#### [What to do]
Where the records below reach the line containing "#144=VECTOR('',#143,1.);", start transcribing, and end with the line containing "#153=PLANE('',#152);", exactly and with nothing else added.
Top of Task inputs
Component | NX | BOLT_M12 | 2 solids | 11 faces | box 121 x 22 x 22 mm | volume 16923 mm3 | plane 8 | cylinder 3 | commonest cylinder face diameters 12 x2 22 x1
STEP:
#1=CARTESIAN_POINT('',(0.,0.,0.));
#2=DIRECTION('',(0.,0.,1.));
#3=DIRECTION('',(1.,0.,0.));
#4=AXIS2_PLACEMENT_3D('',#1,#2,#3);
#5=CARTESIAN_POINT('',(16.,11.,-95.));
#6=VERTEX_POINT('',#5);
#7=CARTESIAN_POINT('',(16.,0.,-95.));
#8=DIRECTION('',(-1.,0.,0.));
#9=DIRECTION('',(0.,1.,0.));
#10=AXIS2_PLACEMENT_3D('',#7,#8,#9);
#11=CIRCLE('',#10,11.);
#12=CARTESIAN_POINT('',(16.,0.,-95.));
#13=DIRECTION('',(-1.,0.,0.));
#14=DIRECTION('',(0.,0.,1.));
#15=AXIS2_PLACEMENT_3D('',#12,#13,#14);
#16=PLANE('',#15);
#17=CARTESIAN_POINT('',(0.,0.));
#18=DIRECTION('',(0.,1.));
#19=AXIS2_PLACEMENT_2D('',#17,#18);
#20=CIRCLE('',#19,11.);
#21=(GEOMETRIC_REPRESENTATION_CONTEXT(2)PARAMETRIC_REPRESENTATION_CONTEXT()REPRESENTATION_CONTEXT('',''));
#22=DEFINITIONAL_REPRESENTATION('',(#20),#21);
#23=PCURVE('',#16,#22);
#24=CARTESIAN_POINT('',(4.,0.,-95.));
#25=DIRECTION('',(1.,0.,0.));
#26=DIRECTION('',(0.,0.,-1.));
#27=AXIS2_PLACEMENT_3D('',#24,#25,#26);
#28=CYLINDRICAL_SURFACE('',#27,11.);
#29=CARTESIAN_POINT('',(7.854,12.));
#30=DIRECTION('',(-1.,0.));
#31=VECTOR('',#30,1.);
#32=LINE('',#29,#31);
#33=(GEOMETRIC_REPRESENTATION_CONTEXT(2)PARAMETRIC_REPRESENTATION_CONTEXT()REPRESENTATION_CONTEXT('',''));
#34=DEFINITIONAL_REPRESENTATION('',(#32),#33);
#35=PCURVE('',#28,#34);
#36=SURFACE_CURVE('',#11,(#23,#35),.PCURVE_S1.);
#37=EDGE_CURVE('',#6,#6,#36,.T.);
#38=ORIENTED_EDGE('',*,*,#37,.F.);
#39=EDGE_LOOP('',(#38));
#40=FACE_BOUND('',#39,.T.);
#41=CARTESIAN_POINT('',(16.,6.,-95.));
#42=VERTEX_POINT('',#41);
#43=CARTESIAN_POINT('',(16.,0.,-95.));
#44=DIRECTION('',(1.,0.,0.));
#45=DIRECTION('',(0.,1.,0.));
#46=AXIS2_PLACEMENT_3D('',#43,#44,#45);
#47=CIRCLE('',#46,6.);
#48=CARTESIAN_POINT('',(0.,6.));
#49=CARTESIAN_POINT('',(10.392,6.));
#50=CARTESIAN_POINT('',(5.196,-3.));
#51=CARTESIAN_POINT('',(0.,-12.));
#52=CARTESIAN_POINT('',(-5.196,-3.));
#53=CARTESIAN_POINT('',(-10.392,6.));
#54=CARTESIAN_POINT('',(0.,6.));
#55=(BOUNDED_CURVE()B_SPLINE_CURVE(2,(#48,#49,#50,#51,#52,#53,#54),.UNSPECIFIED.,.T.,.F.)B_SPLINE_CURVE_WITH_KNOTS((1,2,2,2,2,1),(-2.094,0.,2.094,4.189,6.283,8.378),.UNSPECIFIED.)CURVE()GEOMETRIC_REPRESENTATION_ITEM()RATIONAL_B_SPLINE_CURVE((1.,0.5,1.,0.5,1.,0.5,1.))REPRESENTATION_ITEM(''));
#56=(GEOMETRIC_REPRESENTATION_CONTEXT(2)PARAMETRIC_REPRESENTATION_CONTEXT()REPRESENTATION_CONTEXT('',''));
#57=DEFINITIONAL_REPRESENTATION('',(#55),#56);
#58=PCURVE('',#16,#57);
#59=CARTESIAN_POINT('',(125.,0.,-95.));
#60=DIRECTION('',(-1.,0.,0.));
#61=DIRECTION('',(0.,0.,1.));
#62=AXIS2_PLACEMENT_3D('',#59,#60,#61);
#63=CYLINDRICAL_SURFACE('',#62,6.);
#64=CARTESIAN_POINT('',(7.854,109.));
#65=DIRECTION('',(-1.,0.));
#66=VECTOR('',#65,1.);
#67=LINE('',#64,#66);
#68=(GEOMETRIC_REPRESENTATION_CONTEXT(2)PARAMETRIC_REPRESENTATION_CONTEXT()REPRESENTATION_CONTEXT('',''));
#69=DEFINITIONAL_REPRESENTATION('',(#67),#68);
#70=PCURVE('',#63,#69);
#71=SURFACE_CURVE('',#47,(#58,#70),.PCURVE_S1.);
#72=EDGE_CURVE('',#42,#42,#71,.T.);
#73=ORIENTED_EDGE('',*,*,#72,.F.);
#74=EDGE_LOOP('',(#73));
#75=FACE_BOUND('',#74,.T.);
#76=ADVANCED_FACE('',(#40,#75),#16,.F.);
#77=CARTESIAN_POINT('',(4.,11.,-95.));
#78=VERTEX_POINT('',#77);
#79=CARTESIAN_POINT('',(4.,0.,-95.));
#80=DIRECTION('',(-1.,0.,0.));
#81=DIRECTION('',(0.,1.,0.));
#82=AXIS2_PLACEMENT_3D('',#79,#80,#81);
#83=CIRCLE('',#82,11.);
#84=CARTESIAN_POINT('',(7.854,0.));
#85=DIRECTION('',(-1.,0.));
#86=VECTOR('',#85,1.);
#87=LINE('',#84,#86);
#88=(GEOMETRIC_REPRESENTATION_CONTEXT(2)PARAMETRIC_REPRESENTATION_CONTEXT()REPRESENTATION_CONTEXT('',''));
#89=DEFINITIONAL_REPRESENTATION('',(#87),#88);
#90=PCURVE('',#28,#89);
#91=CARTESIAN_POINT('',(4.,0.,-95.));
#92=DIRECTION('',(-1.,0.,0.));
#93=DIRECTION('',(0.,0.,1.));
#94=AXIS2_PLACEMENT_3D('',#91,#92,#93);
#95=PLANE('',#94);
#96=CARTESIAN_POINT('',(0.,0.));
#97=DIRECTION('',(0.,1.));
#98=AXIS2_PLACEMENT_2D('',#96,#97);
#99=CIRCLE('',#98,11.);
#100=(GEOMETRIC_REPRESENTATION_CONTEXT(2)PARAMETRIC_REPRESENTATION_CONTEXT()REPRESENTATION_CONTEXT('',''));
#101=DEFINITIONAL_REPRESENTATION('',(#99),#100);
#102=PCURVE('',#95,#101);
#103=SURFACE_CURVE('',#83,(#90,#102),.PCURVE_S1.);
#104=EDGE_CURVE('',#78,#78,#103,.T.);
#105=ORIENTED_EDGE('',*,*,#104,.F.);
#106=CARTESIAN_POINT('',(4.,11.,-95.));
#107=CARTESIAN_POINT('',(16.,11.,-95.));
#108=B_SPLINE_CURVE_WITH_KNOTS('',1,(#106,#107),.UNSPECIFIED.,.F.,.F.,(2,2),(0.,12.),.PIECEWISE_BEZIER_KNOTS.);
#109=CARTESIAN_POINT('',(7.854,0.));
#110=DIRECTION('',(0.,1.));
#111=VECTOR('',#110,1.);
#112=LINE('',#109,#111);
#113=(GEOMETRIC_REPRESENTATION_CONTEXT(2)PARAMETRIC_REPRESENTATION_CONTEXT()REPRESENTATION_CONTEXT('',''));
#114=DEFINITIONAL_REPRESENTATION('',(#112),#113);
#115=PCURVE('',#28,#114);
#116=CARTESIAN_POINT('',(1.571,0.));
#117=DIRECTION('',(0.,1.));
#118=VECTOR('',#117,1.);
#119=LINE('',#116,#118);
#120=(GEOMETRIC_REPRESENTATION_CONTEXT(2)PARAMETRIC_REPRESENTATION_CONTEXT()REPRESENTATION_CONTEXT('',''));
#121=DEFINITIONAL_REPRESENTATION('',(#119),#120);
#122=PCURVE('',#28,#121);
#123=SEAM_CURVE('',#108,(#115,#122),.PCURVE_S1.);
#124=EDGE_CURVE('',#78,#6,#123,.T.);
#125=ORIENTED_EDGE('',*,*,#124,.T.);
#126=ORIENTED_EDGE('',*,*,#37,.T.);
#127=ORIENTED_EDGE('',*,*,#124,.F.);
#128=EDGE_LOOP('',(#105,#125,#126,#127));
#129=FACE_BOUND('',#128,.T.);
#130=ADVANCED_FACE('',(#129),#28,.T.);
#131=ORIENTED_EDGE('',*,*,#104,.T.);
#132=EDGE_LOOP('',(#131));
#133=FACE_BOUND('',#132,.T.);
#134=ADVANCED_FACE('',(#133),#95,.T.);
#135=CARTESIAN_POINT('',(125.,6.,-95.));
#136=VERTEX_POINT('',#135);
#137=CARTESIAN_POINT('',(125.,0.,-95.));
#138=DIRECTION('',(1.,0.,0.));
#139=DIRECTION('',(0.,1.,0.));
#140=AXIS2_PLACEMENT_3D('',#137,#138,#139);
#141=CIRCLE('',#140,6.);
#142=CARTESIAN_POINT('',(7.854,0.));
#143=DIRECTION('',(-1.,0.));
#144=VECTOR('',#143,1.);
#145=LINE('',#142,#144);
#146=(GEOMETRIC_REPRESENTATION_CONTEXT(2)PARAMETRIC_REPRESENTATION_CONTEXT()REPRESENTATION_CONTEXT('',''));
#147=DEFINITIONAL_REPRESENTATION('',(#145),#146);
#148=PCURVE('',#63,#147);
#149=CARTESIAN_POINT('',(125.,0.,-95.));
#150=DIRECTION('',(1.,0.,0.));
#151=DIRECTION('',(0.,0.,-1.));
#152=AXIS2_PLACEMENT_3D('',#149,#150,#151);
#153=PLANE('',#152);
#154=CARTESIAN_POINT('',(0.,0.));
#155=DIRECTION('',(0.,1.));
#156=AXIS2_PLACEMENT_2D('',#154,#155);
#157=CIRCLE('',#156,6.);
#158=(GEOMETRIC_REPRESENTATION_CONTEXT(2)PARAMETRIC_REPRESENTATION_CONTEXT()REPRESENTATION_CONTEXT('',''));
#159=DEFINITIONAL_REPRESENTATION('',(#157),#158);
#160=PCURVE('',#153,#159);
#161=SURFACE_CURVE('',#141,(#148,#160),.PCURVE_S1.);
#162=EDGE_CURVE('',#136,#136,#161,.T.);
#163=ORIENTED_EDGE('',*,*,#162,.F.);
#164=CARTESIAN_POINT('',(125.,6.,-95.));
Bottom of Task inputs
#### [Solved problem]
#144=VECTOR('',#143,1.);
#145=LINE('',#142,#144);
#146=(GEOMETRIC_REPRESENTATION_CONTEXT(2)PARAMETRIC_REPRESENTATION_CONTEXT()REPRESENTATION_CONTEXT('',''));
#147=DEFINITIONAL_REPRESENTATION('',(#145),#146);
#148=PCURVE('',#63,#147);
#149=CARTESIAN_POINT('',(125.,0.,-95.));
#150=DIRECTION('',(1.,0.,0.));
#151=DIRECTION('',(0.,0.,-1.));
#152=AXIS2_PLACEMENT_3D('',#149,#150,#151);
#153=PLANE('',#152);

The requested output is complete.